## HOW TO COMPLETE THIS TASK
Exactly the lines from the beginning of the records below through the line with "CS021-A10-A005 | 1" must be given again, without pictures.

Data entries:
· · ·

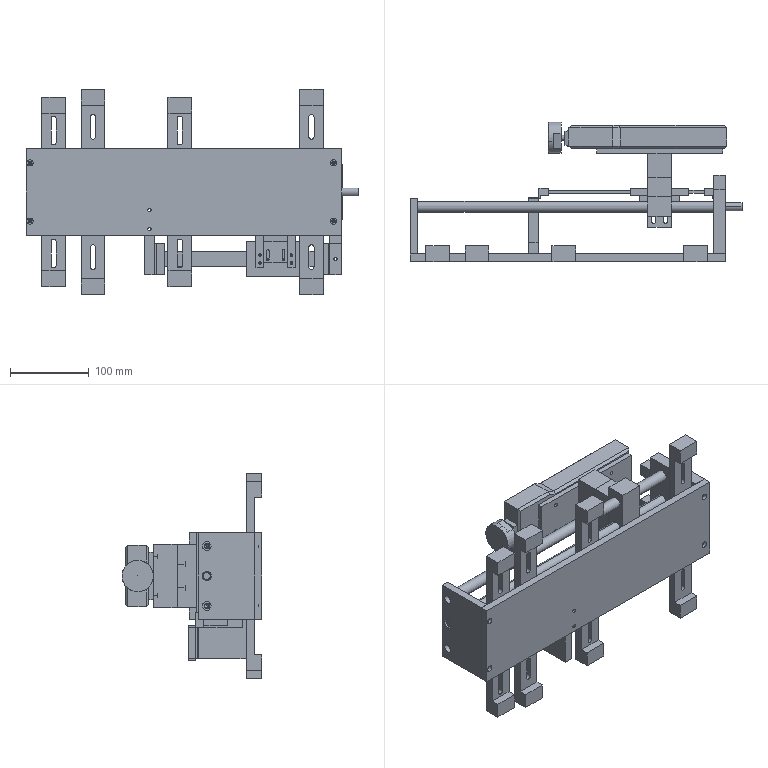Assembly | SolidWorks | mm | 24 component files | 24 solids | 580 faces | box 421 x 177.5 x 260 mm | volume 1942714 mm3 | plane 262 | cylinder 230 | cone 88 | commonest cylinder face diameters 4.2 x44 5.5 x32 3.3 x28 4.5 x20 6.5 x16 10 x12 14 x12 5 x12
Bill of materials:
CS021-A10-A001 | 1 | AL6061 | Thin, long rectangular flat plate with four small holes near the corners and two smaller holes in a vertical pair, a little left of center.
CS021-A10-A002 | 1 | 45 | Thick rectangular plate with two rectangular tabs sticking out from one edge, one round through hole off-center, and two small holes on the opposite narrow edge face.
CS021-A10-A003 | 1 | AL6061 | Thick rectangular plate with three through holes in a line near one long edge (a larger middle hole between two smaller ones) and two small holes on the opposite narrow edge face.
CS021-A10-A005 | 1 | Q235 | Long rectangular block with three equally spaced round holes in a line, going through the block between two opposite side faces.
CS021-A10-A006 | 2 | AL6061 | Long slender cylindrical rod with a small hole along its axis at the visible end.
CS021-A10-A007 | 1 | AL6061 | Thin rectangular plate with eight through holes: four smaller holes in a rectangular pattern toward the ends and four larger holes in a central square-like group.
CS021-A10-A008 | 1 | SUS304 | Short cylindrical disc with a small central hole and a flat cut along one side that covers most of the disc's thickness, leaving a thin full-diameter rim at one end.
CS021-A10-A009 | 1 | AL6061 | Rectangular block with four round holes on one face in a rectangular pattern, two near each end, going through the block.
CS021-A10-A012 | 4 | AL6061 | Block with an L-shaped side profile: a thin upright plate with a thicker lip along one end, and an elongated slot through the thin section.
CS021-A10-A022 | 2 | AL6061 | Long thin bar with a C-shaped (channel) side profile, with short lips at both ends on the same side, and two long slots through the main web.
CS021-A10-A024 | 2 | AL6061 | Long bar with a square cross-section: two through holes near one end go through one way, and a single through hole near the other end goes through at right angles to them.
CS021-A10-A025 | 1 | AL6061 | L-shaped bracket of rectangular section, with two through holes in the horizontal leg and one hole in the vertical leg at right angles to them.
CS021-A10-A026 | 1 | AL6061 | Thick, flat plate with an L-shaped outline: a narrow tall upright leg joined to a wider, shorter base section. Two round holes pass through the narrow upright leg.
CS021-A10-A027 | 1 | AL6061 | Rectangular prism block, taller than it is wide, with four round holes in a 2x2 pattern on one long face.
CS021-A10-A028 | 1 | AL6061 | Angle bracket: two flat legs of roughly equal thickness joined at a right angle. Each leg has two parallel, round-ended slots.
CS021-DigitalPush-PullForceGaugeSF-500 | 1 | POM (White) | Long rectangular box-like body with chamfered long edges and a shallow step/taper in width near one end. A small tapered boss with a protruding cylindrical pin sits on the end face. Four small holes are on one large face.
CS021-DigitalScale-Range100 | 1 | AL6061 | Long, slender bar-like part with a wider rectangular centre block carrying a pattern of small holes, narrower bar sections on either side, and stepped end pads ending in plate-like end tabs. Each end tab has a round-ended slot.
CS021-T-BallScrew16x4(ZYCS002) | 1 | 45 | Long, slender stepped cylindrical shaft/rod: a long main diameter with a short reduced-diameter stub at one end and a longer reduced-diameter section at the other end.
Mates:
1. distance | CS021-A10-A008-1 face at (27.448, 172.317, 0) dir (1, 0, 0) | CS021-DigitalPush-PullForceGaugeSF-500-2 face at (17.448, 172.317, 0) dir (-1, 0, 0)
2. concentric | CS021-DigitalPush-PullForceGaugeSF-500-2 face at (17.448, 172.317, 0) dir (1, 0, 0) r 3 | CS021-A10-A008-1 face at (27.448, 172.317, 0) dir (-1, 0, 0) r 20
3. coincident | CS021-A10-A012-2 face at (-64.051, 35.017, 130) dir (0, 1, 0) | CS021-A10-A012-3 face at (212.949, 35.017, 130) dir (0, 1, 0)
4. coincident | CS021-A10-A012-2 face at (-64.051, 15.017, 130) dir (0, 0, 1) | CS021-A10-A012-3 face at (212.949, 15.017, 130) dir (0, 0, 1)
5. coincident | CS021-A10-A001-1 face at (35.949, 24.817, 0) dir (0, 1, 0) | CS021-A10-A012-3 face at (212.949, 24.817, 40) dir (0, -1, 0)
6. distance | CS021-A10-A012-3 face at (212.949, 35.017, 40) dir (0, 0, -1) | CS021-A10-A001-1 face at (-164.051, 24.817, 55) dir (0, 0, 1)
7. distance | CS021-A10-A012-2 face at (-94.051, 15.017, 130) dir (-1, 0, 0) | CS021-A10-A001-1 face at (-164.051, 24.817, 55) dir (-1, 0, 0)
8. coincident | CS021-A10-A001-1 face at (35.949, 24.817, 0) dir (0, 1, 0) | CS021-A10-A003-1 face at (-164.051, 24.817, -55) dir (0, -1, 0)
9. coincident | CS021-A10-A001-1 face at (-164.051, 24.817, 55) dir (-1, 0, 0) | CS021-A10-A003-1 face at (-164.051, 59.817, 0) dir (-1, 0, 0)
10. coincident | CS021-A10-A001-1 face at (-164.051, 24.817, -55) dir (0, 0, -1) | CS021-A10-A003-1 face at (-164.051, 24.817, -55) dir (0, 0, -1)
11. concentric | CS021-A10-A003-1 face at (-164.051, 84.817, -38) dir (-1, 0, 0) r 3.3 | CS021-A10-A006-1 face at (-154.051, 84.817, -38) dir (1, 0, 0) r 7
12. coincident | CS021-A10-A003-1 face at (-154.051, 59.817, 0) dir (1, 0, 0) | CS021-A10-A006-1 face at (-154.051, 84.817, -38) dir (-1, 0, 0)
13. concentric | CS021-A10-A003-1 face at (-164.051, 84.817, 38) dir (-1, 0, 0) r 3.3 | CS021-A10-A006-2 face at (-154.051, 84.817, 38) dir (1, 0, 0) r 7
14. coincident | CS021-A10-A003-1 face at (-154.051, 59.817, 0) dir (1, 0, 0) | CS021-A10-A006-2 face at (-154.051, 84.817, 38) dir (-1, 0, 0)
15. concentric | CS021-A10-A003-1 face at (-159.051, 84.817, 0) dir (1, 0, 0) r 8 | CS021-T-BallScrew16x4(ZYCS002)-1 face at (220.949, 84.817, 0) dir (-1, 0, 0) r 7
16. coincident | CS021-A10-A003-1 face at (-154.051, 59.817, 0) dir (1, 0, 0) | CS021-T-BallScrew16x4(ZYCS002)-1 face at (-154.051, 84.817, 0) dir (-1, 0, 0)
17. concentric | CS021-T-BallScrew16x4(ZYCS002)-1 face at (220.949, 84.817, 0) dir (-1, 0, 0) r 7 | CS021-A10-A005-3 face at (137.449, 84.817, 0) dir (1, 0, 0) r 7
18. parallel | CS021-A10-A003-1 face at (-164.051, 94.817, -55) dir (0, 1, 0) | CS021-A10-A005-3 face at (167.449, 97.317, 55) dir (0, 1, 0)
19. distance | CS021-A10-A007-1 face at (152.449, 152.317, 0) dir (0, -1, 0) | CS021-A10-A005-3 face at (167.449, 97.317, 55) dir (0, 1, 0)
20. concentric | CS021-A10-A007-1 face at (162.449, 158.317, 15) dir (0, 1, 0) r 2.75 | CS021-A10-A005-3 face at (162.449, 97.317, 15) dir (0, 1, 0) r 2.1
21. concentric | CS021-A10-A007-1 face at (142.449, 158.317, -15) dir (0, 1, 0) r 2.75 | CS021-A10-A005-3 face at (142.449, 97.317, -15) dir (0, 1, 0) r 2.1
22. concentric | CS021-DigitalPush-PullForceGaugeSF-500-2 face at (197.448, 158.317, -20) dir (0, -1, 0) r 1.65 | CS021-A10-A007-1 face at (197.448, 158.317, -20) dir (0, 1, 0) r 2.25
23. concentric | CS021-DigitalPush-PullForceGaugeSF-500-2 face at (197.448, 158.317, 20) dir (0, -1, 0) r 1.65 | CS021-A10-A007-1 face at (197.448, 158.317, 20) dir (0, 1, 0) r 2.25
24. coincident | CS021-DigitalPush-PullForceGaugeSF-500-2 face at (237.448, 158.317, 0) dir (0, -1, 0) | CS021-A10-A007-1 face at (152.449, 158.317, 0) dir (0, 1, 0)
25. coincident | CS021-A10-A001-1 face at (35.949, 24.817, 0) dir (0, 1, 0) | CS021-A10-A002-1 face at (220.949, 24.817, -55) dir (0, -1, 0)
26. coincident | CS021-A10-A001-1 face at (235.949, 24.817, 55) dir (1, 0, 0) | CS021-A10-A002-1 face at (235.949, 74.817, 0) dir (1, 0, 0)
27. coincident | CS021-A10-A001-1 face at (-164.051, 24.817, 55) dir (0, 0, 1) | CS021-A10-A002-1 face at (220.949, 24.817, 55) dir (0, 0, 1)
28. distance | CS021-A10-A005-3 face at (167.449, 97.317, 55) dir (0, 1, 0) | CS021-A10-A009-1 face at (152.449, 122.317, 0) dir (0, -1, 0)
29. width | CS021-A10-A005-3 face at (137.449, 84.817, 0) dir (-1, 0, 0) | CS021-A10-A005-3 face at (167.449, 84.817, 0) dir (1, 0, 0) | CS021-A10-A009-1 face at (167.449, 122.317, 40) dir (1, 0, 0) | CS021-A10-A009-1 face at (137.449, 122.317, 40) dir (-1, 0, 0)
30. width | CS021-A10-A005-3 face at (167.449, 72.317, 55) dir (0, 0, 1) | CS021-A10-A005-3 face at (167.449, 72.317, -55) dir (0, 0, -1) | CS021-A10-A009-1 face at (167.449, 122.317, 40) dir (0, 0, 1) | CS021-A10-A009-1 face at (167.449, 122.317, -40) dir (0, 0, -1)
31. distance | CS021-DigitalScale-Range100-1 face at (0.9486, 94.817, -105) dir (0, -1, 0) | CS021-A10-A001-1 face at (35.949, 24.817, 0) dir (0, 1, 0)
32. distance | CS021-DigitalScale-Range100-1 face at (110.449, 103.817, -105) dir (0, 0, -1) | CS021-A10-A003-1 face at (-164.051, 24.817, -55) dir (0, 0, -1)
33. coincident | CS021-A10-A001-1 face at (35.949, 24.817, 0) dir (0, 1, 0) | CS021-A10-A022-1 face at (-144.051, 24.817, 100) dir (0, -1, 0)
34. coincident | CS021-A10-A001-1 face at (35.949, 24.817, 0) dir (0, 1, 0) | CS021-A10-A022-1 face at (-144.051, 24.817, 100) dir (0, -1, 0)
35. distance | CS021-A10-A003-1 face at (-154.051, 59.817, 0) dir (1, 0, 0) | CS021-A10-A022-1 face at (-144.051, 15.017, 0) dir (-1, 0, 0)
36. width | CS021-A10-A022-1 face at (-144.051, 15.017, 120) dir (0, 0, 1) | CS021-A10-A022-1 face at (-144.051, 15.017, -120) dir (0, 0, -1) | CS021-A10-A001-1 face at (-164.051, 24.817, 55) dir (0, 0, 1) | CS021-A10-A001-1 face at (-164.051, 24.817, -55) dir (0, 0, -1)
37. coincident | CS021-A10-A022-1 face at (-144.051, 35.017, -120) dir (0, 1, 0) | CS021-A10-A022-2 face at (15.949, 35.017, -120) dir (0, 1, 0)
38. coincident | CS021-A10-A022-1 face at (-144.051, 15.017, 120) dir (0, 0, 1) | CS021-A10-A022-2 face at (15.949, 15.017, 120) dir (0, 0, 1)
39. distance | CS021-A10-A022-1 face at (-144.051, 15.017, 0) dir (-1, 0, 0) | CS021-A10-A022-2 face at (15.949, 15.017, 0) dir (-1, 0, 0)
40. concentric | CS021-DigitalScale-Range100-1 face at (172.449, 98.817, -90) dir (0, -1, 0) r 1.25 | CS021-A10-A024-1 face at (172.449, 98.817, -90) dir (0, 1, 0) r 1.65
41. concentric | CS021-DigitalScale-Range100-1 face at (172.449, 98.817, -80) dir (0, -1, 0) r 1.25 | CS021-A10-A024-1 face at (172.449, 98.817, -80) dir (0, 1, 0) r 1.65
42. coincident | CS021-DigitalScale-Range100-1 face at (110.449, 98.817, -85) dir (0, -1, 0) | CS021-A10-A024-1 face at (177.449, 98.817, -46) dir (0, 1, 0)
43. concentric | CS021-DigitalScale-Range100-1 face at (132.449, 98.817, -90) dir (0, -1, 0) r 1.25 | CS021-A10-A024-2 face at (132.449, 98.817, -90) dir (0, 1, 0) r 1.65
44. concentric | CS021-DigitalScale-Range100-1 face at (132.449, 98.817, -80) dir (0, -1, 0) r 1.25 | CS021-A10-A024-2 face at (132.449, 98.817, -80) dir (0, 1, 0) r 1.65
45. coincident | CS021-DigitalScale-Range100-1 face at (110.449, 98.817, -85) dir (0, -1, 0) | CS021-A10-A024-2 face at (137.449, 98.817, -46) dir (0, 1, 0)
46. distance | CS021-DigitalScale-Range100-1 face at (234.449, 94.817, -105) dir (1, 0, 0) | CS021-A10-A002-1 face at (235.949, 74.817, 0) dir (1, 0, 0)
47. coincident | CS021-A10-A002-1 face at (235.949, 74.817, 0) dir (1, 0, 0) | CS021-A10-A025-1 face at (235.949, 29.817, -55) dir (1, 0, 0)
48. coincident | CS021-A10-A002-1 face at (220.949, 24.817, -55) dir (0, 0, -1) | CS021-A10-A025-1 face at (235.949, 29.817, -55) dir (0, 0, 1)
49. coincident | CS021-DigitalScale-Range100-1 face at (219.949, 94.817, -105) dir (0, -1, 0) | CS021-A10-A025-1 face at (235.949, 94.817, -55) dir (0, 1, 0)
50. coincident | CS021-DigitalScale-Range100-1 face at (110.449, 103.817, -105) dir (0, 0, -1) | CS021-A10-A026-1 face at (-1.551, 29.817, -105) dir (0, 0, -1)
51. coincident | CS021-DigitalScale-Range100-1 face at (0.9486, 94.817, -105) dir (0, -1, 0) | CS021-A10-A026-1 face at (-1.551, 94.817, -65) dir (0, 1, 0)
52. coincident | CS021-DigitalScale-Range100-1 face at (-13.551, 94.817, -105) dir (-1, 0, 0) | CS021-A10-A026-1 face at (-13.551, 29.817, -65) dir (-1, 0, 0)
53. coincident | CS021-A10-A005-3 face at (167.449, 97.317, 55) dir (0, 1, 0) | CS021-A10-A027-1 face at (152.449, 97.317, 0) dir (0, -1, 0)
54. coincident | CS021-A10-A009-1 face at (137.449, 122.317, 40) dir (-1, 0, 0) | CS021-A10-A027-1 face at (137.449, 97.317, -40) dir (-1, 0, 0)
55. coincident | CS021-A10-A009-1 face at (167.449, 122.317, -40) dir (0, 0, -1) | CS021-A10-A027-1 face at (137.449, 97.317, -40) dir (0, 0, -1)
56. coincident | CS021-A10-A005-3 face at (167.449, 72.317, -55) dir (0, 0, -1) | CS021-A10-A028-1 face at (167.449, 98.817, -55) dir (0, 0, 1)
57. coincident | CS021-DigitalScale-Range100-1 face at (110.449, 98.817, -85) dir (0, -1, 0) | CS021-A10-A028-1 face at (167.449, 98.817, -90) dir (0, 1, 0)
58. width | CS021-A10-A028-1 face at (137.449, 58.817, -55) dir (-1, 0, 0) | CS021-A10-A028-1 face at (167.449, 58.817, -55) dir (1, 0, 0) | CS021-A10-A005-3 face at (137.449, 84.817, 0) dir (-1, 0, 0) | CS021-A10-A005-3 face at (167.449, 84.817, 0) dir (1, 0, 0)

· · ·

## YOUR SOLUTION
Assembly | SolidWorks | mm | 24 component files | 24 solids | 580 faces | box 421 x 177.5 x 260 mm | volume 1942714 mm3 | plane 262 | cylinder 230 | cone 88 | commonest cylinder face diameters 4.2 x44 5.5 x32 3.3 x28 4.5 x20 6.5 x16 10 x12 14 x12 5 x12
Bill of materials:
CS021-A10-A001 | 1 | AL6061 | Thin, long rectangular flat plate with four small holes near the corners and two smaller holes in a vertical pair, a little left of center.
CS021-A10-A002 | 1 | 45 | Thick rectangular plate with two rectangular tabs sticking out from one edge, one round through hole off-center, and two small holes on the opposite narrow edge face.
CS021-A10-A003 | 1 | AL6061 | Thick rectangular plate with three through holes in a line near one long edge (a larger middle hole between two smaller ones) and two small holes on the opposite narrow edge face.
CS021-A10-A005 | 1 | Q235 | Long rectangular block with three equally spaced round holes in a line, going through the block between two opposite side faces.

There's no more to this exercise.